● **WHAT YOU SHOULD DO**
Only lines that contain the word "subcontext" are to be returned from the data below.

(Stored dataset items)
┄┄┄┄┄┄┄┄┄┄

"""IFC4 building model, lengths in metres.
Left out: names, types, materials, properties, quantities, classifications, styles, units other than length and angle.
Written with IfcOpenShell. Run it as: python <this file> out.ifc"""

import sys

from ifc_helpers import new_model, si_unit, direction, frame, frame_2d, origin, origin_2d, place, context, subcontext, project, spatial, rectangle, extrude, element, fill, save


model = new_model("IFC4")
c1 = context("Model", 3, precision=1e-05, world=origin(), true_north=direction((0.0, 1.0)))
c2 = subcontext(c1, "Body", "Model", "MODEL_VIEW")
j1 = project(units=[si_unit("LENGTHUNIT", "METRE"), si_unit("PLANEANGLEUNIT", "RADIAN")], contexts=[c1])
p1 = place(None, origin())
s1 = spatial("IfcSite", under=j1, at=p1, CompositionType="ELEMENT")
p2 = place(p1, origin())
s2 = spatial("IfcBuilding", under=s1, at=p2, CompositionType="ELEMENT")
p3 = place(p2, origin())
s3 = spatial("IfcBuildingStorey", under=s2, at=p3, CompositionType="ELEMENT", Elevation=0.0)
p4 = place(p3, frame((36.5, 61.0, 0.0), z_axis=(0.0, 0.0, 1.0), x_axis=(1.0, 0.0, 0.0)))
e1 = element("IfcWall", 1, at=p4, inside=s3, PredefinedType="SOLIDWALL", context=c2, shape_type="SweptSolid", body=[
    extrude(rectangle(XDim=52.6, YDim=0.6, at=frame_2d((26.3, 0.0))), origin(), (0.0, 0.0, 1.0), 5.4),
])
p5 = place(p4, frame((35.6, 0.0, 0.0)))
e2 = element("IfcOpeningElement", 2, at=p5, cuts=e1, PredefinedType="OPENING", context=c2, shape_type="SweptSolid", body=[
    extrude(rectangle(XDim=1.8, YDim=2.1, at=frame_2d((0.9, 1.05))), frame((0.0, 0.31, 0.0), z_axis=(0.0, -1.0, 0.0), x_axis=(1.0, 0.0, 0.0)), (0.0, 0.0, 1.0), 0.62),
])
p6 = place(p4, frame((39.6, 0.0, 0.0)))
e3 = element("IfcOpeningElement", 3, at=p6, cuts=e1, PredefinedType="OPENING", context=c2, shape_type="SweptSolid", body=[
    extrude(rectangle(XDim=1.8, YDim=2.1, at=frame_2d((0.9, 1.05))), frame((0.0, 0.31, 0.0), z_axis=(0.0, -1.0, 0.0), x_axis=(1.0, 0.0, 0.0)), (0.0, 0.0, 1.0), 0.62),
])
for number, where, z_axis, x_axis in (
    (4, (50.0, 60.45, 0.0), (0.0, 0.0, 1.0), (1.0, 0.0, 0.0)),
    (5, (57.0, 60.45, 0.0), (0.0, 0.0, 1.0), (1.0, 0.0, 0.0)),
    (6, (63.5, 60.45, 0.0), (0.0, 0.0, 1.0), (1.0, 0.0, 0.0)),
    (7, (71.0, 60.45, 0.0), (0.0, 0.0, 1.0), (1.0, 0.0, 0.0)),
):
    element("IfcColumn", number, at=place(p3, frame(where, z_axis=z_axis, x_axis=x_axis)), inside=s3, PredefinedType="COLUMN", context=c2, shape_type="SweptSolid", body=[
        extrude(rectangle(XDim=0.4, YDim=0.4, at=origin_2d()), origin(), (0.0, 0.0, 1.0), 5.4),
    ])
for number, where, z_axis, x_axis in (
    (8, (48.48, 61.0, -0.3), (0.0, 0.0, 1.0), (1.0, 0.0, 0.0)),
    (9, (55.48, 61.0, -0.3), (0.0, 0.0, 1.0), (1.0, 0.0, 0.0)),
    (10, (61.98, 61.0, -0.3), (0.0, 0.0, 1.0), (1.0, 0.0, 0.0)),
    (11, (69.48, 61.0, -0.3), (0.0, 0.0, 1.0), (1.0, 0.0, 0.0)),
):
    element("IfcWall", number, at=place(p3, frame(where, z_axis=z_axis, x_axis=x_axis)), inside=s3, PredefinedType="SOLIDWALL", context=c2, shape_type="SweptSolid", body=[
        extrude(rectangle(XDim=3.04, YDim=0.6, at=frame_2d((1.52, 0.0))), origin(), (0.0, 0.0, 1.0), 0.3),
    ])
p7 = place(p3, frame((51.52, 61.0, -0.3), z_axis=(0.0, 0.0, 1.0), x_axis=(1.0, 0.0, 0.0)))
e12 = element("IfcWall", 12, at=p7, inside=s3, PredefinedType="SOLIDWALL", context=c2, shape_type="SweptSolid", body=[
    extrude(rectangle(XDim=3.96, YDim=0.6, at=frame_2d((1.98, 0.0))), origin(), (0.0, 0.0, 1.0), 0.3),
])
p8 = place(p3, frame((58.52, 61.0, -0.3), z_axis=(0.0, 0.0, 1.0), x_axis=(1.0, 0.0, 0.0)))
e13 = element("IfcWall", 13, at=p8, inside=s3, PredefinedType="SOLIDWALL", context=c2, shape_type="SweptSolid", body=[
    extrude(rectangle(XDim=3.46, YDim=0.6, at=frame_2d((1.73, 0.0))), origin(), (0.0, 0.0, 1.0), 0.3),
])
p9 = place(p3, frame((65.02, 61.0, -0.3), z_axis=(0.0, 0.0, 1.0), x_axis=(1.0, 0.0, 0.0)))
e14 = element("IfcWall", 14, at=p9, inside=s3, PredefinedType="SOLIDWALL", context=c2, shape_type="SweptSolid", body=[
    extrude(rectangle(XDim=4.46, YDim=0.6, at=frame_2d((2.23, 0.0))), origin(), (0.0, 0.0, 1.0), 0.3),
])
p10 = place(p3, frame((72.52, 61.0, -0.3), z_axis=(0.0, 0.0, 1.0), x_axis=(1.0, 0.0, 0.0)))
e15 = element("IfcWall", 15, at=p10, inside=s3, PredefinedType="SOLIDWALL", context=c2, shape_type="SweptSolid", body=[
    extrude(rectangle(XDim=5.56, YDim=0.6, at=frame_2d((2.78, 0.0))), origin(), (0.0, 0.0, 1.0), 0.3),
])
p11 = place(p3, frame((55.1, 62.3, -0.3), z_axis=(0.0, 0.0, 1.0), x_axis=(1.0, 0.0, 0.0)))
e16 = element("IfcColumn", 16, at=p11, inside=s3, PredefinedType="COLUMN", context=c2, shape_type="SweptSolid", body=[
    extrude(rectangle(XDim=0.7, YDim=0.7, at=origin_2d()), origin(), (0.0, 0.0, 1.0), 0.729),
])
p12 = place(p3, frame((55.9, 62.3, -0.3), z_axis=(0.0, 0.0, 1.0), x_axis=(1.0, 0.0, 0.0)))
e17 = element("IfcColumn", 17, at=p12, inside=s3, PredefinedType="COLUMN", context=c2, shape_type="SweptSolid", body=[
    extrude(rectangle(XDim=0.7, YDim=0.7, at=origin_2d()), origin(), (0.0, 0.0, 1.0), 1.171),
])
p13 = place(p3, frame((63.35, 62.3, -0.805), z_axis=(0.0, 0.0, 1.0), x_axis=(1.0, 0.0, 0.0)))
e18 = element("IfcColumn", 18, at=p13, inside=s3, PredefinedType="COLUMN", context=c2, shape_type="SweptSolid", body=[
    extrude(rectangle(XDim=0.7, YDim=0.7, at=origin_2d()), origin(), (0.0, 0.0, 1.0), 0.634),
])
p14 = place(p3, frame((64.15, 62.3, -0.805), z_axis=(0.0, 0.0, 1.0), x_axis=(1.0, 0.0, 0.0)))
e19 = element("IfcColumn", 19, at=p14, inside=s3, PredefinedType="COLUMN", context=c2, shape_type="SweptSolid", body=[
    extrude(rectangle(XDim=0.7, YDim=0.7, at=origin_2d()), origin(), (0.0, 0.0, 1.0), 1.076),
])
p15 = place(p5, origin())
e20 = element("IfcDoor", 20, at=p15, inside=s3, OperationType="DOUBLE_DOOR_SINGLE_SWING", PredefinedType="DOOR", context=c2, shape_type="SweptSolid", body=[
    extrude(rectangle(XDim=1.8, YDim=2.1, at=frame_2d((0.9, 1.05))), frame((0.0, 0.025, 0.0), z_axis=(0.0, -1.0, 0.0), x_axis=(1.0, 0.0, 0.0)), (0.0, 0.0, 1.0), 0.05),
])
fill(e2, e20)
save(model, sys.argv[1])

┄┄┄┄┄┄┄┄┄┄

● **ANSWER SECTION**
from ifc_helpers import new_model, si_unit, direction, frame, frame_2d, origin, origin_2d, place, context, subcontext, project, spatial, rectangle, extrude, element, fill, save
c2 = subcontext(c1, "Body", "Model", "MODEL_VIEW")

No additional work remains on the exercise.